Problem requirements => Using the records that follow, work out how many lines hold the string "OperationType" and provide that number only.

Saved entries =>
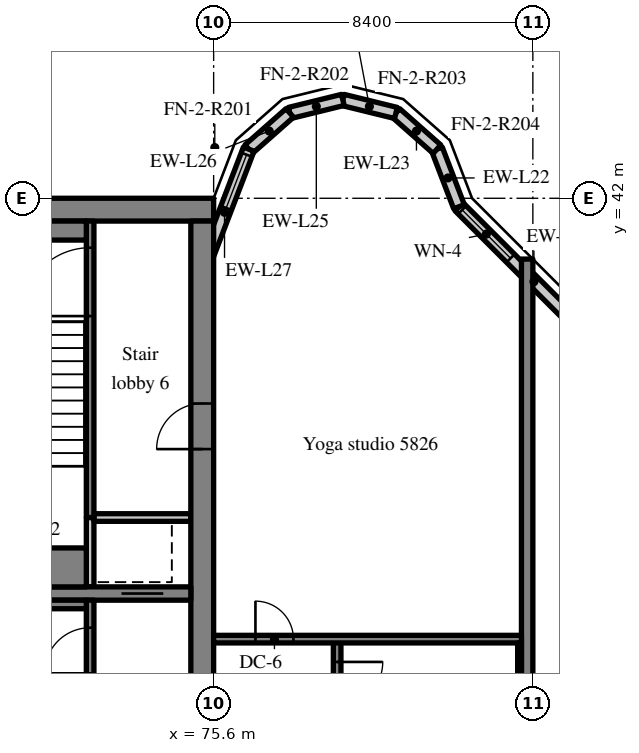
"""IFC4 building model, lengths in metres.
Left out: names, types, materials, properties, quantities, classifications, styles, units other than length and angle.
Written with IfcOpenShell. Run it as: python <this file> out.ifc"""

import sys

from ifc_helpers import new_model, si_unit, direction, frame, frame_2d, origin, place, context, subcontext, project, spatial, rectangle, extrude, source, transform, mapped, element, fill, save


model = new_model("IFC4")
c1 = context("Model", 3, precision=1e-05, world=origin(), true_north=direction((0.0, 1.0)))
c2 = subcontext(c1, "Body", "Model", "MODEL_VIEW")
j1 = project(units=[si_unit("LENGTHUNIT", "METRE"), si_unit("PLANEANGLEUNIT", "RADIAN")], contexts=[c1])
p1 = place(None, origin())
s1 = spatial("IfcSite", under=j1, at=p1, CompositionType="ELEMENT")
p2 = place(p1, origin())
s2 = spatial("IfcBuilding", under=s1, at=p2, CompositionType="ELEMENT")
p3 = place(p2, frame((0.0, 0.0, 241.3)))
s3 = spatial("IfcBuildingStorey", under=s2, at=p3, CompositionType="ELEMENT", Elevation=241.3)
m1 = source(origin(), c2, "Body", "SweptSolid", [
    extrude(rectangle(XDim=50.4, YDim=0.6, at=frame_2d((25.2, 0.0))), origin(), (0.0, 0.0, 1.0), 3.62),
])
p4 = place(p3, frame((25.2, 41.7, 0.0), z_axis=(0.0, 0.0, 1.0), x_axis=(1.0, 0.0, 0.0)))
e1 = element("IfcWall", 1, at=p4, inside=s3, PredefinedType="SHEAR", context=c2, shape_type="MappedRepresentation", body=[
    mapped(m1, transform((0.0, 0.0, 0.0), scale=1.0)),
])
m2 = source(origin(), c2, "Body", "SweptSolid", [
    extrude(rectangle(XDim=18.8, YDim=0.6, at=frame_2d((9.4, 0.0))), origin(), (0.0, 0.0, 1.0), 3.62),
])
p5 = place(p3, frame((75.3, 22.6, 0.0), z_axis=(0.0, 0.0, 1.0), x_axis=(0.0, 1.0, 0.0)))
e2 = element("IfcWall", 2, at=p5, inside=s3, PredefinedType="SHEAR", context=c2, shape_type="MappedRepresentation", body=[
    mapped(m2, transform((0.0, 0.0, 0.0), scale=1.0)),
])
m3 = source(origin(), c2, "Body", "SweptSolid", [
    extrude(rectangle(XDim=1.2, YDim=2.1, at=frame_2d((0.6, 1.05))), frame((0.0, 0.31, 0.0), z_axis=(0.0, -1.0, 0.0), x_axis=(1.0, 0.0, 0.0)), (0.0, 0.0, 1.0), 0.62),
])
p6 = place(p5, frame((12.8, 0.0, 0.0)))
e3 = element("IfcOpeningElement", 3, at=p6, cuts=e2, PredefinedType="OPENING", context=c2, shape_type="MappedRepresentation", body=[
    mapped(m3, transform((0.0, 0.0, 0.0), scale=1.0)),
])
m4 = source(origin(), c2, "Body", "SweptSolid", [
    extrude(rectangle(XDim=7.625, YDim=0.35, at=frame_2d((3.812, 0.0))), origin(), (0.0, 0.0, 1.0), 3.62),
])
p7 = place(p3, frame((67.375, 31.6, 0.0), z_axis=(0.0, 0.0, 1.0), x_axis=(1.0, 0.0, 0.0)))
e4 = element("IfcWall", 4, at=p7, inside=s3, PredefinedType="SHEAR", context=c2, shape_type="MappedRepresentation", body=[
    mapped(m4, transform((0.0, 0.0, 0.0), scale=1.0)),
])
m5 = source(origin(), c2, "Body", "SweptSolid", [
    extrude(rectangle(XDim=1.1, YDim=2.1, at=frame_2d((0.55, 1.05))), frame((0.0, 0.185, 0.0), z_axis=(0.0, -1.0, 0.0), x_axis=(1.0, 0.0, 0.0)), (0.0, 0.0, 1.0), 0.37),
])
p8 = place(p7, frame((5.8, 0.0, 0.0)))
e5 = element("IfcOpeningElement", 5, at=p8, cuts=e4, PredefinedType="OPENING", context=c2, shape_type="MappedRepresentation", body=[
    mapped(m5, transform((0.0, 0.0, 0.0), scale=1.0)),
])
m6 = source(origin(), c2, "Body", "SweptSolid", [
    extrude(rectangle(XDim=18.4, YDim=0.3, at=frame_2d((9.2, 0.0))), origin(), (0.0, 0.0, 1.0), 3.62),
])
p9 = place(p3, frame((83.85, 22.0, 0.0), z_axis=(0.0, 0.0, 1.0), x_axis=(0.0, 1.0, 0.0)))
e6 = element("IfcWall", 6, at=p9, inside=s3, PredefinedType="SHEAR", context=c2, shape_type="MappedRepresentation", body=[
    mapped(m6, transform((0.0, 0.0, 0.0), scale=1.0)),
])
m7 = source(origin(), c2, "Body", "SweptSolid", [
    extrude(rectangle(XDim=5.576, YDim=0.3, at=frame_2d((2.788, 0.0))), origin(), (0.0, 0.0, 1.0), 3.62),
])
p10 = place(p3, frame((86.0, 37.834, 0.0), z_axis=(0.0, 0.0, 1.0), x_axis=(-0.707106781187, 0.707106781187, 0.0)))
e7 = element("IfcWall", 7, at=p10, inside=s3, PredefinedType="SOLIDWALL", context=c2, shape_type="MappedRepresentation", body=[
    mapped(m7, transform((0.0, 0.0, 0.0), scale=1.0)),
])
m8 = source(origin(), c2, "Body", "SweptSolid", [
    extrude(rectangle(XDim=1.8, YDim=1.5, at=frame_2d((0.9, 0.75))), frame((0.0, 0.16, 0.0), z_axis=(0.0, -1.0, 0.0), x_axis=(1.0, 0.0, 0.0)), (0.0, 0.0, 1.0), 0.32),
])
p11 = place(p10, frame((3.658, 0.0, 0.9)))
e8 = element("IfcOpeningElement", 8, at=p11, cuts=e7, PredefinedType="OPENING", context=c2, shape_type="MappedRepresentation", body=[
    mapped(m8, transform((0.0, 0.0, 0.0), scale=1.0)),
])
m9 = source(origin(), c2, "Body", "SweptSolid", [
    extrude(rectangle(XDim=1.622, YDim=0.3, at=frame_2d((0.811, 0.0))), origin(), (0.0, 0.0, 1.0), 3.62),
])
p12 = place(p3, frame((82.057, 41.777, 0.0), z_axis=(0.0, 0.0, 1.0), x_axis=(-0.357778527068, 0.933806471154, 0.0)))
e9 = element("IfcWall", 9, at=p12, inside=s3, PredefinedType="SOLIDWALL", context=c2, shape_type="MappedRepresentation", body=[
    mapped(m9, transform((0.0, 0.0, 0.0), scale=1.0)),
])
m10 = source(origin(), c2, "Body", "SweptSolid", [
    extrude(rectangle(XDim=1.44, YDim=0.3, at=frame_2d((0.72, 0.0))), origin(), (0.0, 0.0, 1.0), 3.62),
])
p13 = place(p3, frame((81.477, 43.292, 0.0), z_axis=(0.0, 0.0, 1.0), x_axis=(-0.74957555648, 0.661918790432, 0.0)))
e10 = element("IfcWall", 10, at=p13, inside=s3, PredefinedType="SOLIDWALL", context=c2, shape_type="MappedRepresentation", body=[
    mapped(m10, transform((0.0, 0.0, 0.0), scale=1.0)),
])
m11 = source(origin(), c2, "Body", "SweptSolid", [
    extrude(rectangle(XDim=1.439, YDim=0.3, at=frame_2d((0.719, 0.0))), origin(), (0.0, 0.0, 1.0), 3.62),
])
for number, where, z_axis, x_axis in (
    (11, (80.397, 44.245, 0.0), (0.0, 0.0, 1.0), (-0.971, 0.238, 0.0)),
    (12, (79.0, 44.588, 0.0), (0.0, 0.0, 1.0), (-0.971, -0.238, 0.0)),
):
    element("IfcWall", number, at=place(p3, frame(where, z_axis=z_axis, x_axis=x_axis)), inside=s3, PredefinedType="SOLIDWALL", context=c2, shape_type="MappedRepresentation", body=[
        mapped(m11, transform((0.0, 0.0, 0.0), scale=1.0)),
    ])
p14 = place(p3, frame((77.603, 44.245, 0.0), z_axis=(0.0, 0.0, 1.0), x_axis=(-0.74957555648, -0.661918790432, 0.0)))
e13 = element("IfcWall", 13, at=p14, inside=s3, PredefinedType="SOLIDWALL", context=c2, shape_type="MappedRepresentation", body=[
    mapped(m10, transform((0.0, 0.0, 0.0), scale=1.0)),
])
m12 = source(origin(), c2, "Body", "SweptSolid", [
    extrude(rectangle(XDim=3.559, YDim=0.3, at=frame_2d((1.78, 0.0))), origin(), (0.0, 0.0, 1.0), 3.62),
])
p15 = place(p3, frame((76.523, 43.292, 0.0), z_axis=(0.0, 0.0, 1.0), x_axis=(-0.35779745313, -0.933799219604, 0.0)))
e14 = element("IfcWall", 14, at=p15, inside=s3, PredefinedType="SOLIDWALL", context=c2, shape_type="MappedRepresentation", body=[
    mapped(m12, transform((0.0, 0.0, 0.0), scale=1.0)),
])
m13 = source(origin(), c2, "Body", "SweptSolid", [
    extrude(rectangle(XDim=1.5, YDim=2.0, at=frame_2d((0.75, 1.0))), frame((0.0, 0.16, 0.0), z_axis=(0.0, -1.0, 0.0), x_axis=(1.0, 0.0, 0.0)), (0.0, 0.0, 1.0), 0.32),
])
p16 = place(p15, frame((0.156, 0.0, 0.9)))
e15 = element("IfcOpeningElement", 15, at=p16, cuts=e14, PredefinedType="OPENING", context=c2, shape_type="MappedRepresentation", body=[
    mapped(m13, transform((0.0, 0.0, 0.0), scale=1.0)),
])
m14 = source(origin(), c2, "Body", "SweptSolid", [
    extrude(rectangle(XDim=8.825, YDim=0.2, at=frame_2d((4.413, 0.0))), origin(), (0.0, 0.0, 1.0), 3.62),
])
p17 = place(p3, frame((72.35, 22.6, 0.0), z_axis=(0.0, 0.0, 1.0), x_axis=(0.0, 1.0, 0.0)))
e16 = element("IfcWall", 16, at=p17, inside=s3, PredefinedType="SOLIDWALL", context=c2, shape_type="MappedRepresentation", body=[
    mapped(m14, transform((0.0, 0.0, 0.0), scale=1.0)),
])
m15 = source(origin(), c2, "Body", "SweptSolid", [
    extrude(rectangle(XDim=1.2, YDim=2.1, at=frame_2d((0.6, 1.05))), frame((0.0, 0.11, 0.0), z_axis=(0.0, -1.0, 0.0), x_axis=(1.0, 0.0, 0.0)), (0.0, 0.0, 1.0), 0.22),
])
p18 = place(p17, frame((6.9, 0.0, 0.0)))
e17 = element("IfcOpeningElement", 17, at=p18, cuts=e16, PredefinedType="OPENING", context=c2, shape_type="MappedRepresentation", body=[
    mapped(m15, transform((0.0, 0.0, 0.0), scale=1.0)),
])
m16 = source(origin(), c2, "Body", "SweptSolid", [
    extrude(rectangle(XDim=1.825, YDim=0.2, at=frame_2d((0.913, 0.0))), origin(), (0.0, 0.0, 1.0), 3.62),
])
p19 = place(p3, frame((72.35, 31.775, 0.0), z_axis=(0.0, 0.0, 1.0), x_axis=(0.0, 1.0, 0.0)))
e18 = element("IfcWall", 18, at=p19, inside=s3, PredefinedType="SOLIDWALL", context=c2, shape_type="MappedRepresentation", body=[
    mapped(m16, transform((0.0, 0.0, 0.0), scale=1.0)),
])
m17 = source(origin(), c2, "Body", "SweptSolid", [
    extrude(rectangle(XDim=2.55, YDim=0.2, at=frame_2d((1.275, 0.0))), origin(), (0.0, 0.0, 1.0), 3.62),
])
p20 = place(p3, frame((72.45, 33.6, 0.0), z_axis=(0.0, 0.0, 1.0), x_axis=(1.0, 0.0, 0.0)))
e19 = element("IfcWall", 19, at=p20, inside=s3, PredefinedType="SOLIDWALL", context=c2, shape_type="MappedRepresentation", body=[
    mapped(m17, transform((0.0, 0.0, 0.0), scale=1.0)),
])
m18 = source(origin(), c2, "Body", "SweptSolid", [
    extrude(rectangle(XDim=7.8, YDim=0.2, at=frame_2d((3.9, 0.0))), origin(), (0.0, 0.0, 1.0), 3.62),
])
p21 = place(p3, frame((72.35, 33.6, 0.0), z_axis=(0.0, 0.0, 1.0), x_axis=(0.0, 1.0, 0.0)))
e20 = element("IfcWall", 20, at=p21, inside=s3, PredefinedType="SOLIDWALL", context=c2, shape_type="MappedRepresentation", body=[
    mapped(m18, transform((0.0, 0.0, 0.0), scale=1.0)),
])
m19 = source(origin(), c2, "Body", "SweptSolid", [
    extrude(rectangle(XDim=1.8, YDim=2.1, at=frame_2d((0.9, 1.05))), frame((0.0, 0.11, 0.0), z_axis=(0.0, -1.0, 0.0), x_axis=(1.0, 0.0, 0.0)), (0.0, 0.0, 1.0), 0.22),
])
p22 = place(p21, frame((5.3, 0.0, 0.0)))
e21 = element("IfcOpeningElement", 21, at=p22, cuts=e20, PredefinedType="OPENING", context=c2, shape_type="MappedRepresentation", body=[
    mapped(m19, transform((0.0, 0.0, 0.0), scale=1.0)),
])
m20 = source(origin(), c2, "Body", "SweptSolid", [
    extrude(rectangle(XDim=8.3, YDim=0.2, at=frame_2d((4.15, 0.0))), origin(), (0.0, 0.0, 1.0), 3.62),
])
p23 = place(p3, frame((78.85, 22.1, 0.0), z_axis=(0.0, 0.0, 1.0), x_axis=(0.0, 1.0, 0.0)))
e22 = element("IfcWall", 22, at=p23, inside=s3, PredefinedType="SOLIDWALL", context=c2, shape_type="MappedRepresentation", body=[
    mapped(m20, transform((0.0, 0.0, 0.0), scale=1.0)),
])
p24 = place(p23, frame((6.5, 0.0, 0.0)))
e23 = element("IfcOpeningElement", 23, at=p24, cuts=e22, PredefinedType="OPENING", context=c2, shape_type="MappedRepresentation", body=[
    mapped(m15, transform((0.0, 0.0, 0.0), scale=1.0)),
])
m21 = source(origin(), c2, "Body", "SweptSolid", [
    extrude(rectangle(XDim=8.1, YDim=0.2, at=frame_2d((4.05, 0.0))), origin(), (0.0, 0.0, 1.0), 3.62),
])
p25 = place(p3, frame((83.7, 30.4, 0.0), z_axis=(0.0, 0.0, 1.0), x_axis=(-1.0, 0.0, 0.0)))
e24 = element("IfcWall", 24, at=p25, inside=s3, PredefinedType="SOLIDWALL", context=c2, shape_type="MappedRepresentation", body=[
    mapped(m21, transform((0.0, 0.0, 0.0), scale=1.0)),
])
m22 = source(origin(), c2, "Body", "SweptSolid", [
    extrude(rectangle(XDim=1.0, YDim=2.1, at=frame_2d((0.5, 1.05))), frame((0.0, 0.11, 0.0), z_axis=(0.0, -1.0, 0.0), x_axis=(1.0, 0.0, 0.0)), (0.0, 0.0, 1.0), 0.22),
])
p26 = place(p25, frame((6.0, 0.0, 0.0)))
e25 = element("IfcOpeningElement", 25, at=p26, cuts=e24, PredefinedType="OPENING", context=c2, shape_type="MappedRepresentation", body=[
    mapped(m22, transform((0.0, 0.0, 0.0), scale=1.0)),
])
m23 = source(origin(), c2, "Body", "SweptSolid", [
    extrude(rectangle(XDim=4.875, YDim=0.225, at=frame_2d((2.438, 0.0))), origin(), (0.0, 0.0, 1.0), 3.62),
])
p27 = place(p3, frame((67.375, 31.312, 0.0), z_axis=(0.0, 0.0, 1.0), x_axis=(1.0, 0.0, 0.0)))
e26 = element("IfcWall", 26, at=p27, inside=s3, PredefinedType="SOLIDWALL", context=c2, shape_type="MappedRepresentation", body=[
    mapped(m23, transform((0.0, 0.0, 0.0), scale=1.0)),
])
m24 = source(origin(), c2, "Body", "SweptSolid", [
    extrude(rectangle(XDim=4.875, YDim=0.5, at=frame_2d((2.438, 0.0))), origin(), (0.0, 0.0, 1.0), 3.62),
])
p28 = place(p3, frame((67.375, 41.15, 0.0), z_axis=(0.0, 0.0, 1.0), x_axis=(1.0, 0.0, 0.0)))
e27 = element("IfcWall", 27, at=p28, inside=s3, PredefinedType="SOLIDWALL", context=c2, shape_type="MappedRepresentation", body=[
    mapped(m24, transform((0.0, 0.0, 0.0), scale=1.0)),
])
m25 = source(origin(), c2, "Body", "SweptSolid", [
    extrude(rectangle(XDim=4.875, YDim=1.025, at=frame_2d((2.438, 0.0))), origin(), (0.0, 0.0, 1.0), 3.62),
])
p29 = place(p3, frame((67.375, 32.287, 0.0), z_axis=(0.0, 0.0, 1.0), x_axis=(1.0, 0.0, 0.0)))
e28 = element("IfcWall", 28, at=p29, inside=s3, PredefinedType="SOLIDWALL", context=c2, shape_type="MappedRepresentation", body=[
    mapped(m25, transform((0.0, 0.0, 0.0), scale=1.0)),
])
m26 = source(origin(), c2, "Body", "SweptSolid", [
    extrude(rectangle(XDim=8.1, YDim=0.1, at=frame_2d((4.05, 0.0))), origin(), (0.0, 0.0, 1.0), 3.62),
])
p30 = place(p3, frame((83.65, 22.2, 0.0), z_axis=(0.0, 0.0, 1.0), x_axis=(0.0, 1.0, 0.0)))
e29 = element("IfcWall", 29, at=p30, inside=s3, PredefinedType="SOLIDWALL", context=c2, shape_type="MappedRepresentation", body=[
    mapped(m26, transform((0.0, 0.0, 0.0), scale=1.0)),
])
m27 = source(origin(), c2, "Body", "SweptSolid", [
    extrude(rectangle(XDim=1.8, YDim=1.5, at=frame_2d((0.9, 0.75))), frame((0.0, 0.03, 0.0), z_axis=(0.0, -1.0, 0.0), x_axis=(1.0, 0.0, 0.0)), (0.0, 0.0, 1.0), 0.06),
])
p31 = place(p11, origin())
e30 = element("IfcWindow", 30, at=p31, inside=s3, PartitioningType="SINGLE_PANEL", PredefinedType="WINDOW", context=c2, shape_type="MappedRepresentation", body=[
    mapped(m27, transform((0.0, 0.0, 0.0), scale=1.0)),
])
fill(e8, e30)
m28 = source(origin(), c2, "Body", "SweptSolid", [
    extrude(rectangle(XDim=1.5, YDim=2.0, at=frame_2d((0.75, 1.0))), frame((0.0, 0.03, 0.0), z_axis=(0.0, -1.0, 0.0), x_axis=(1.0, 0.0, 0.0)), (0.0, 0.0, 1.0), 0.06),
])
p32 = place(p16, origin())
e31 = element("IfcWindow", 31, at=p32, inside=s3, PartitioningType="SINGLE_PANEL", PredefinedType="WINDOW", context=c2, shape_type="MappedRepresentation", body=[
    mapped(m28, transform((0.0, 0.0, 0.0), scale=1.0)),
])
fill(e15, e31)
m29 = source(origin(), c2, "Body", "SweptSolid", [
    extrude(rectangle(XDim=1.2, YDim=2.1, at=frame_2d((0.6, 1.05))), frame((0.0, 0.025, 0.0), z_axis=(0.0, -1.0, 0.0), x_axis=(1.0, 0.0, 0.0)), (0.0, 0.0, 1.0), 0.05),
])
p33 = place(p18, origin())
e32 = element("IfcDoor", 32, at=p33, inside=s3, OperationType="SINGLE_SWING_LEFT", PredefinedType="DOOR", context=c2, shape_type="MappedRepresentation", body=[
    mapped(m29, transform((0.0, 0.0, 0.0), scale=1.0)),
])
fill(e17, e32)
m30 = source(origin(), c2, "Body", "SweptSolid", [
    extrude(rectangle(XDim=1.1, YDim=2.1, at=frame_2d((0.55, 1.05))), frame((0.0, 0.025, 0.0), z_axis=(0.0, -1.0, 0.0), x_axis=(1.0, 0.0, 0.0)), (0.0, 0.0, 1.0), 0.05),
])
p34 = place(p8, origin())
e33 = element("IfcDoor", 33, at=p34, inside=s3, OperationType="SLIDING_TO_RIGHT", PredefinedType="DOOR", context=c2, shape_type="MappedRepresentation", body=[
    mapped(m30, transform((0.0, 0.0, 0.0), scale=1.0)),
])
fill(e5, e33)
m31 = source(origin(), c2, "Body", "SweptSolid", [
    extrude(rectangle(XDim=1.8, YDim=2.1, at=frame_2d((0.9, 1.05))), frame((0.0, 0.025, 0.0), z_axis=(0.0, -1.0, 0.0), x_axis=(1.0, 0.0, 0.0)), (0.0, 0.0, 1.0), 0.05),
])
p35 = place(p22, origin())
e34 = element("IfcDoor", 34, at=p35, inside=s3, OperationType="SINGLE_SWING_LEFT", PredefinedType="DOOR", context=c2, shape_type="MappedRepresentation", body=[
    mapped(m31, transform((0.0, 0.0, 0.0), scale=1.0)),
])
fill(e21, e34)
p36 = place(p6, origin())
e35 = element("IfcDoor", 35, at=p36, inside=s3, OperationType="SINGLE_SWING_LEFT", PredefinedType="DOOR", context=c2, shape_type="MappedRepresentation", body=[
    mapped(m29, transform((0.0, 0.0, 0.0), scale=1.0)),
])
fill(e3, e35)
p37 = place(p24, origin())
e36 = element("IfcDoor", 36, at=p37, inside=s3, OperationType="SINGLE_SWING_RIGHT", PredefinedType="DOOR", context=c2, shape_type="MappedRepresentation", body=[
    mapped(m29, transform((0.0, 0.0, 0.0), scale=1.0)),
])
fill(e23, e36)
m32 = source(origin(), c2, "Body", "SweptSolid", [
    extrude(rectangle(XDim=1.0, YDim=2.1, at=frame_2d((0.5, 1.05))), frame((0.0, 0.025, 0.0), z_axis=(0.0, -1.0, 0.0), x_axis=(1.0, 0.0, 0.0)), (0.0, 0.0, 1.0), 0.05),
])
p38 = place(p26, origin())
e37 = element("IfcDoor", 37, at=p38, inside=s3, OperationType="SINGLE_SWING_RIGHT", PredefinedType="DOOR", context=c2, shape_type="MappedRepresentation", body=[
    mapped(m32, transform((0.0, 0.0, 0.0), scale=1.0)),
])
fill(e25, e37)
save(model, sys.argv[1])

Solution to the exercise => 6